=== Begin Enclosure ===
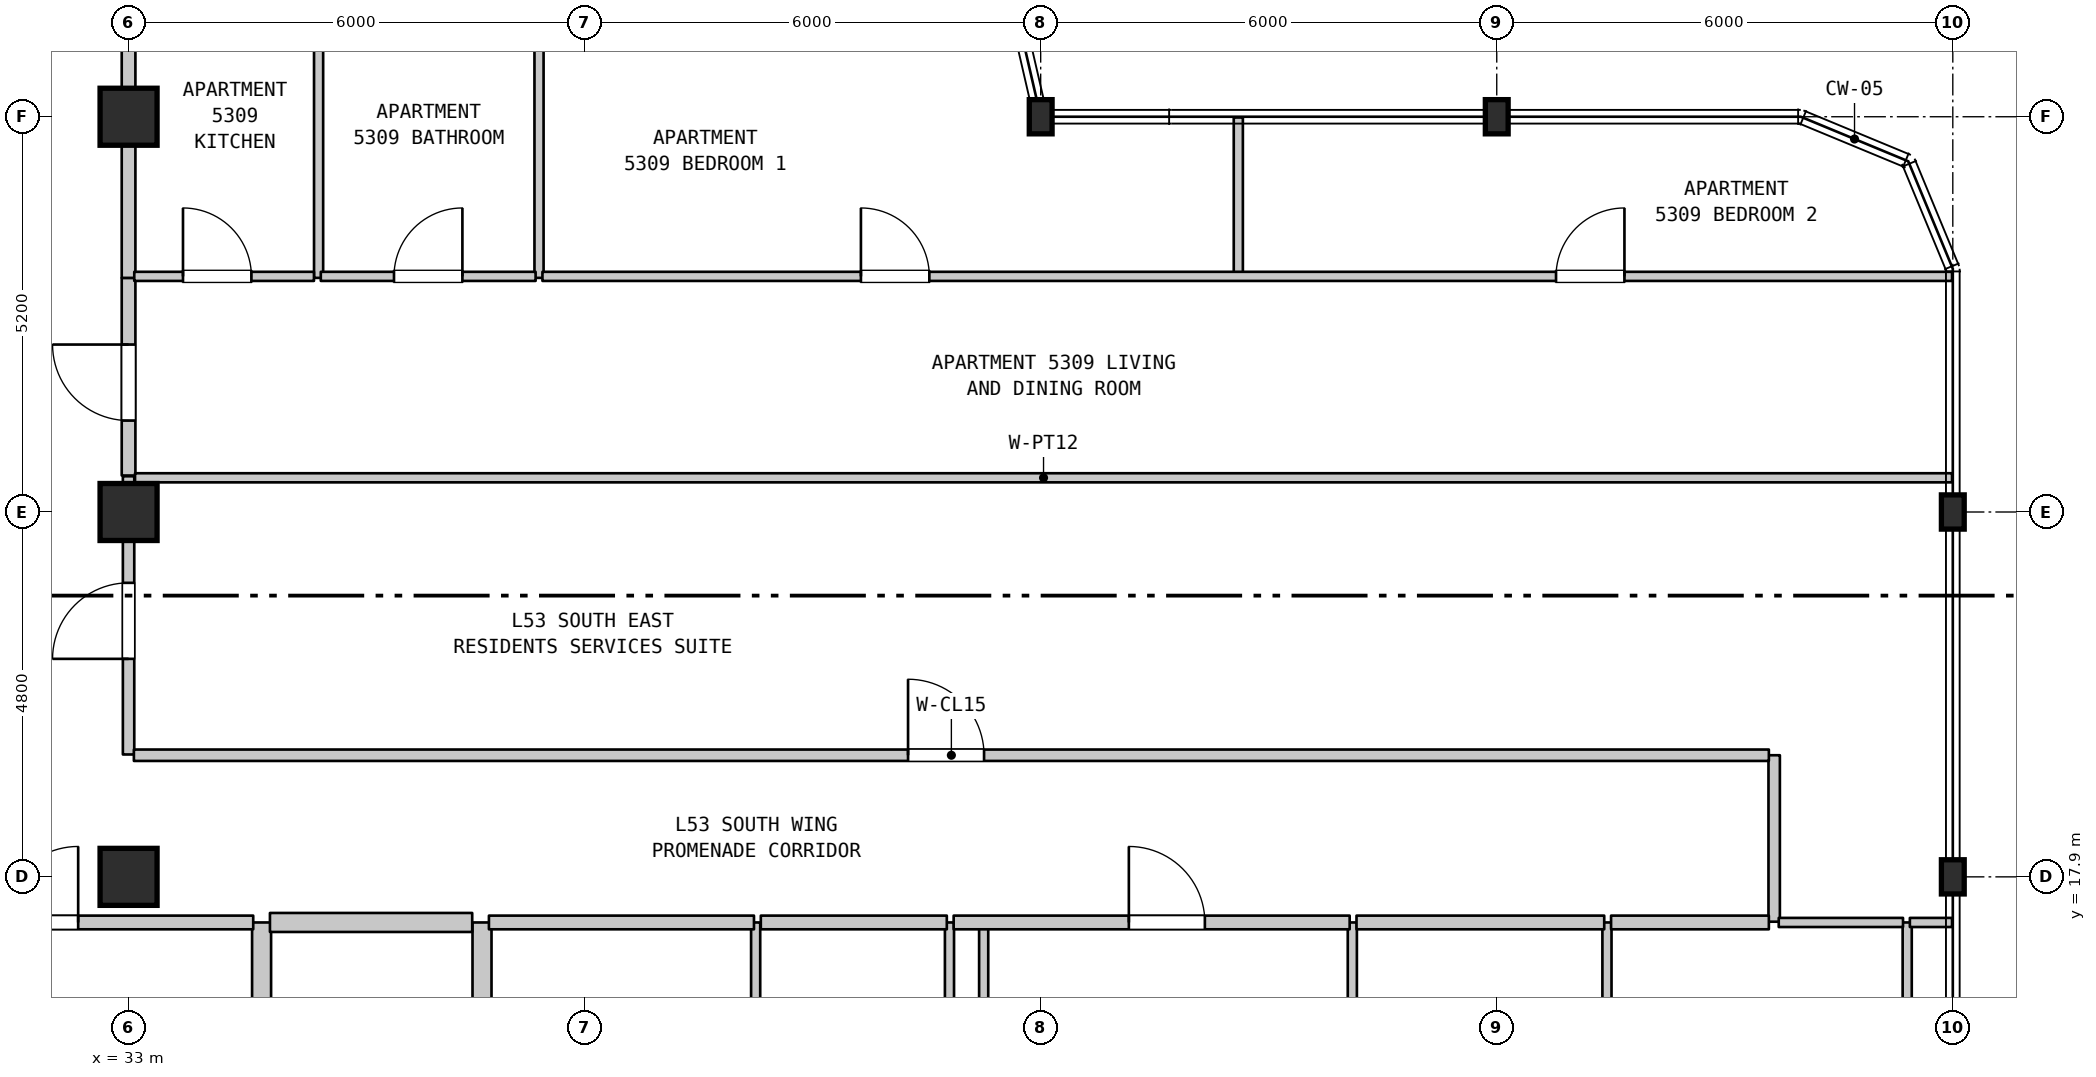
"""IFC4 building model, lengths in metres.
Left out: names, types, materials, properties, quantities, classifications, styles, units other than length and angle.
Written with IfcOpenShell. Run it as: python <this file> out.ifc"""

import sys

from ifc_helpers import new_model, si_unit, direction, frame, frame_2d, origin, origin_2d, place, context, subcontext, project, spatial, rectangle, i_section, extrude, element, fill, save


model = new_model("IFC4")
c1 = context("Model", 3, precision=1e-05, world=origin(), true_north=direction((0.0, 1.0)))
c2 = subcontext(c1, "Body", "Model", "MODEL_VIEW")
j1 = project(units=[si_unit("LENGTHUNIT", "METRE"), si_unit("PLANEANGLEUNIT", "RADIAN")], contexts=[c1])
p1 = place(None, origin())
s1 = spatial("IfcSite", under=j1, at=p1, CompositionType="ELEMENT")
p2 = place(p1, origin())
s2 = spatial("IfcBuilding", under=s1, at=p2, CompositionType="ELEMENT")
p3 = place(p2, frame((0.0, 0.0, 214.3)))
s3 = spatial("IfcBuildingStorey", under=s2, at=p3, CompositionType="ELEMENT", Elevation=214.3)
for number, where, z_axis, x_axis in (
    (1, (33.0, 17.9, 0.0), (0.0, 0.0, 1.0), (1.0, 0.0, 0.0)),
    (2, (33.0, 22.7, 0.0), (0.0, 0.0, 1.0), (1.0, 0.0, 0.0)),
    (3, (33.0, 27.9, 0.0), (0.0, 0.0, 1.0), (1.0, 0.0, 0.0)),
):
    element("IfcColumn", number, at=place(p3, frame(where, z_axis=z_axis, x_axis=x_axis)), inside=s3, PredefinedType="COLUMN", context=c2, shape_type="SweptSolid", body=[
        extrude(rectangle(XDim=0.75, YDim=0.75, at=origin_2d()), origin(), (0.0, 0.0, 1.0), 3.7),
    ])
for number, where, z_axis, x_axis in (
    (4, (45.0, 27.9, 0.0), (0.0, 0.0, 1.0), (1.0, 0.0, 0.0)),
    (5, (51.0, 27.9, 0.0), (0.0, 0.0, 1.0), (1.0, 0.0, 0.0)),
    (6, (57.0, 17.9, 0.0), (0.0, 0.0, 1.0), (1.0, 0.0, 0.0)),
    (7, (57.0, 22.7, 0.0), (0.0, 0.0, 1.0), (1.0, 0.0, 0.0)),
):
    element("IfcColumn", number, at=place(p3, frame(where, z_axis=z_axis, x_axis=x_axis)), inside=s3, PredefinedType="COLUMN", context=c2, shape_type="SweptSolid", body=[
        extrude(i_section(OverallWidth=0.3, OverallDepth=0.45, WebThickness=0.014, FlangeThickness=0.026, FilletRadius=0.027, at=origin_2d()), origin(), (0.0, 0.0, 1.0), 3.7),
    ])
p4 = place(p3, frame((33.0, 19.51, 0.0), z_axis=(0.0, 0.0, 1.0), x_axis=(0.0, 1.0, 0.0)))
e8 = element("IfcWall", 8, at=p4, inside=s3, PredefinedType="STANDARD", context=c2, shape_type="SweptSolid", body=[
    extrude(rectangle(XDim=3.66, YDim=0.15, at=frame_2d((1.83, 0.0))), origin(), (0.0, 0.0, 1.0), 2.98),
])
p5 = place(p4, frame((1.258, 0.0, 0.0)))
e9 = element("IfcOpeningElement", 9, at=p5, cuts=e8, PredefinedType="OPENING", context=c2, shape_type="SweptSolid", body=[
    extrude(rectangle(XDim=1.0, YDim=2.15, at=frame_2d((0.5, 1.075))), frame((0.0, 0.085, 0.0), z_axis=(0.0, -1.0, 0.0), x_axis=(1.0, 0.0, 0.0)), (0.0, 0.0, 1.0), 0.17),
])
p6 = place(p3, frame((33.0, 23.18, 0.0), z_axis=(0.0, 0.0, 1.0), x_axis=(0.0, 1.0, 0.0)))
e10 = element("IfcWall", 10, at=p6, inside=s3, PredefinedType="STANDARD", context=c2, shape_type="SweptSolid", body=[
    extrude(rectangle(XDim=2.6, YDim=0.18, at=frame_2d((1.3, 0.0))), origin(), (0.0, 0.0, 1.0), 2.98),
])
p7 = place(p6, frame((0.723, 0.0, 0.0)))
e11 = element("IfcOpeningElement", 11, at=p7, cuts=e10, PredefinedType="OPENING", context=c2, shape_type="SweptSolid", body=[
    extrude(rectangle(XDim=1.0, YDim=2.15, at=frame_2d((0.5, 1.075))), frame((0.0, 0.1, 0.0), z_axis=(0.0, -1.0, 0.0), x_axis=(1.0, 0.0, 0.0)), (0.0, 0.0, 1.0), 0.2),
])
p8 = place(p3, frame((33.0, 25.78, 0.0), z_axis=(0.0, 0.0, 1.0), x_axis=(0.0, 1.0, 0.0)))
e12 = element("IfcWall", 12, at=p8, inside=s3, PredefinedType="STANDARD", context=c2, shape_type="SweptSolid", body=[
    extrude(rectangle(XDim=2.12, YDim=0.18, at=frame_2d((1.06, 0.0))), origin(), (0.0, 0.0, 1.0), 2.98),
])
=== End Enclosure ===
• [What is being asked]: Your task is to show every line of the listing above containing "direction".

• [Problem solution]:
from ifc_helpers import new_model, si_unit, direction, frame, frame_2d, origin, origin_2d, place, context, subcontext, project, spatial, rectangle, i_section, extrude, element, fill, save
c1 = context("Model", 3, precision=1e-05, world=origin(), true_north=direction((0.0, 1.0)))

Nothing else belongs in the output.